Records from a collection
○ ○ ○

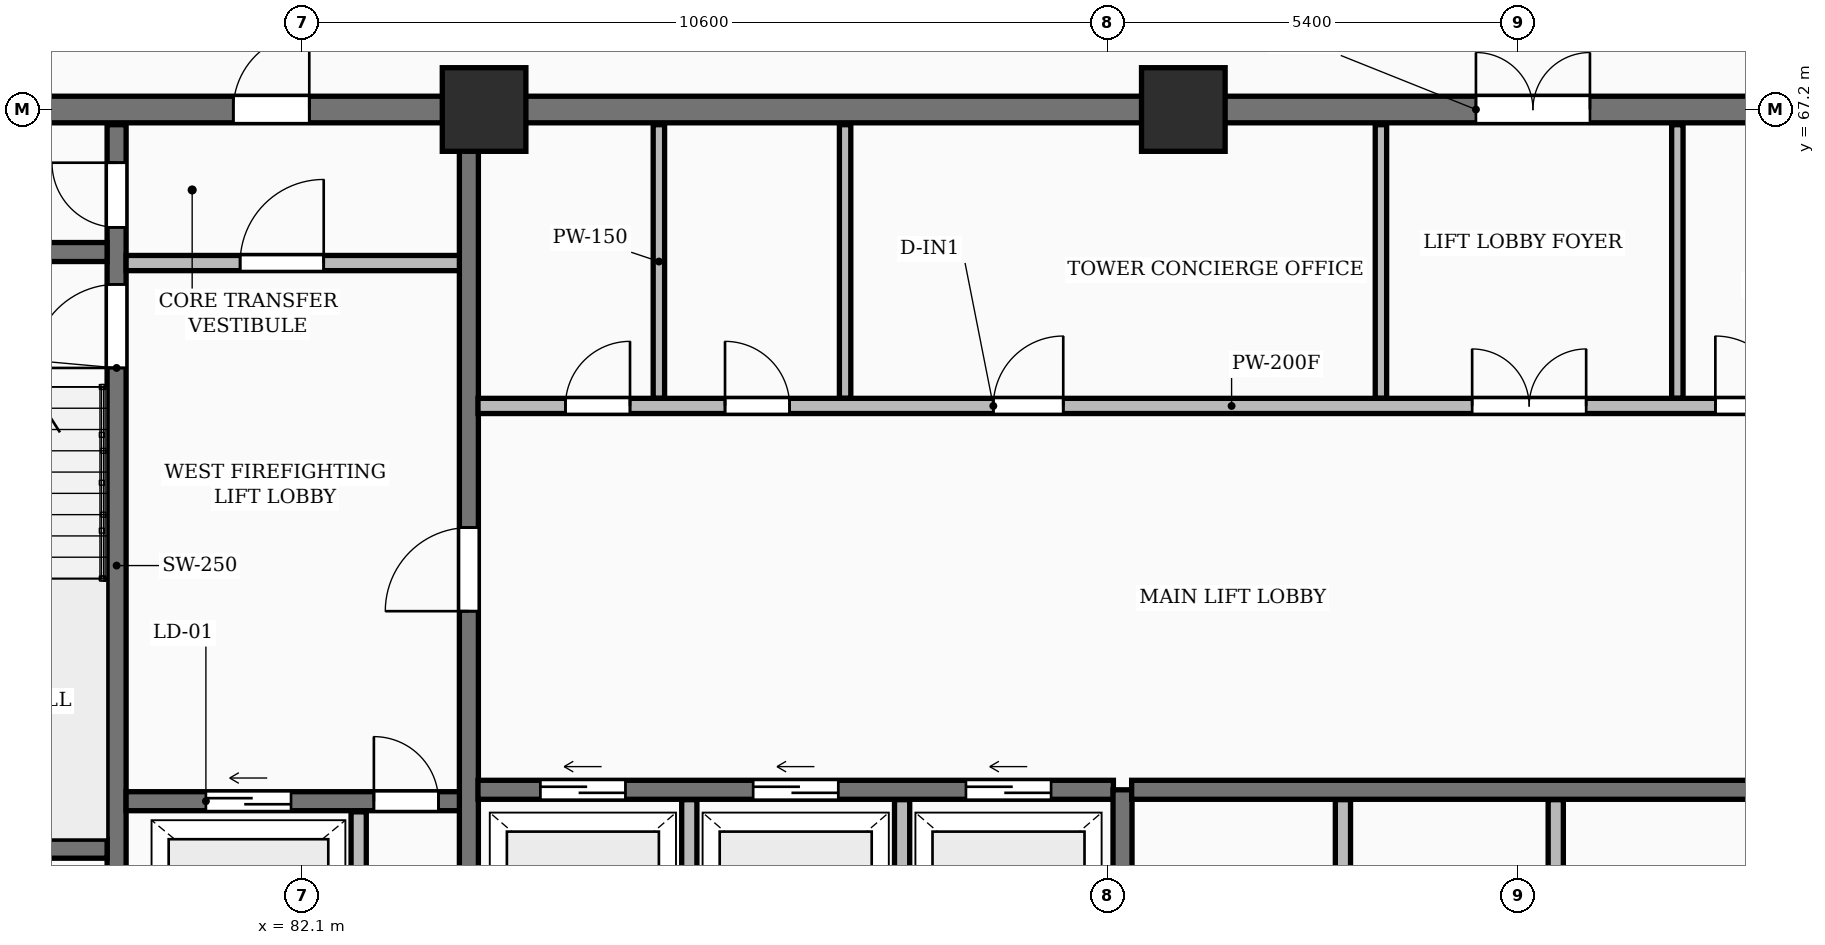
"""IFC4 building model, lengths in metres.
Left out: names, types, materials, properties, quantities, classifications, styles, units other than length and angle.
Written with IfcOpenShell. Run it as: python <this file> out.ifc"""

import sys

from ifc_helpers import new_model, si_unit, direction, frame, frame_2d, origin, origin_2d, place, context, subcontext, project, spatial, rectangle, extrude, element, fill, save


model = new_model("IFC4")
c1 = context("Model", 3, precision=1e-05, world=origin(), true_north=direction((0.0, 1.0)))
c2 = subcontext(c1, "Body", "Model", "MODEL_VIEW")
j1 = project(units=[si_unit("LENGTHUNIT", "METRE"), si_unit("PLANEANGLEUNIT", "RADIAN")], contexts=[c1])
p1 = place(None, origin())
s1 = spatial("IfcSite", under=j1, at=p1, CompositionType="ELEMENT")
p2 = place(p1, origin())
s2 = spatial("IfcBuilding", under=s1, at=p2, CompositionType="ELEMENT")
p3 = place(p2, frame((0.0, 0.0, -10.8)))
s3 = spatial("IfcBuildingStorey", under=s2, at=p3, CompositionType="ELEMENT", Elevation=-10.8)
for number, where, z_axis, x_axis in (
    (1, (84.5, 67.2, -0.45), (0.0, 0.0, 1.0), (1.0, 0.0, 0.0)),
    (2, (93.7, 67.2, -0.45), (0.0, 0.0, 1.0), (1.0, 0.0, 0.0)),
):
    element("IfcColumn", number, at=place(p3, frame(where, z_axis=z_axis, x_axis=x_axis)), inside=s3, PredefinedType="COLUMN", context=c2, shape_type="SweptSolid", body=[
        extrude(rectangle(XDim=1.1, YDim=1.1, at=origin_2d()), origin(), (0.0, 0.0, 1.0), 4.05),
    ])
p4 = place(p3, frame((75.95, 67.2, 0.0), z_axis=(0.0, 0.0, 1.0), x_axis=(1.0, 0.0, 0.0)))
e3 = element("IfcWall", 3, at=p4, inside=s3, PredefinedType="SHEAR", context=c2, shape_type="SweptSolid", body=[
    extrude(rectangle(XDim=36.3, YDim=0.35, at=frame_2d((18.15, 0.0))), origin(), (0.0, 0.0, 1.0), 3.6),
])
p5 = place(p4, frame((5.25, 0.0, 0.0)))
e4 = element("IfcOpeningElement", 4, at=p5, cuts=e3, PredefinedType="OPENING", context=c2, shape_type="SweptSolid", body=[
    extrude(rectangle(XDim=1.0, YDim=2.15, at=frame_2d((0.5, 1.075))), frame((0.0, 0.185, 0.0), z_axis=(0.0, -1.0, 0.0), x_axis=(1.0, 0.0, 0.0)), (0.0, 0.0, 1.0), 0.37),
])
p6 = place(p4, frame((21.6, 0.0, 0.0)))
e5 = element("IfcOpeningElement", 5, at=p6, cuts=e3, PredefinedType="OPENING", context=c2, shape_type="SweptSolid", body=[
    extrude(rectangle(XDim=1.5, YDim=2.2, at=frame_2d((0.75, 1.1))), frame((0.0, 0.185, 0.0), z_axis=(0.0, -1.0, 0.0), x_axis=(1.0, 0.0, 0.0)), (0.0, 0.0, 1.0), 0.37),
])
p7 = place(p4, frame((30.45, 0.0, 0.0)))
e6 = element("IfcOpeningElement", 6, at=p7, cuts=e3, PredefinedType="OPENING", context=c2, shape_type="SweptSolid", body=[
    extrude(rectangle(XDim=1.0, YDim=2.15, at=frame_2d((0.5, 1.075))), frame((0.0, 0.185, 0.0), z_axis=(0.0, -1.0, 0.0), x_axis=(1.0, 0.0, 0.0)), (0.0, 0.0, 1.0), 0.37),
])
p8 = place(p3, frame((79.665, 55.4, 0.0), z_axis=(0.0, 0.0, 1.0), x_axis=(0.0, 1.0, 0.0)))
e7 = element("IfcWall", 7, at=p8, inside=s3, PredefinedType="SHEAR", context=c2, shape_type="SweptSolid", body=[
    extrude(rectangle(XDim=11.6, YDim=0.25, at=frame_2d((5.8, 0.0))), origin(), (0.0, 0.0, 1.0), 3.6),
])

○ ○ ○

◆ TASK ITEM: Lines in the data that include the word "subcontext" should all be copied.

◆ ANSWER:
from ifc_helpers import new_model, si_unit, direction, frame, frame_2d, origin, origin_2d, place, context, subcontext, project, spatial, rectangle, extrude, element, fill, save
c2 = subcontext(c1, "Body", "Model", "MODEL_VIEW")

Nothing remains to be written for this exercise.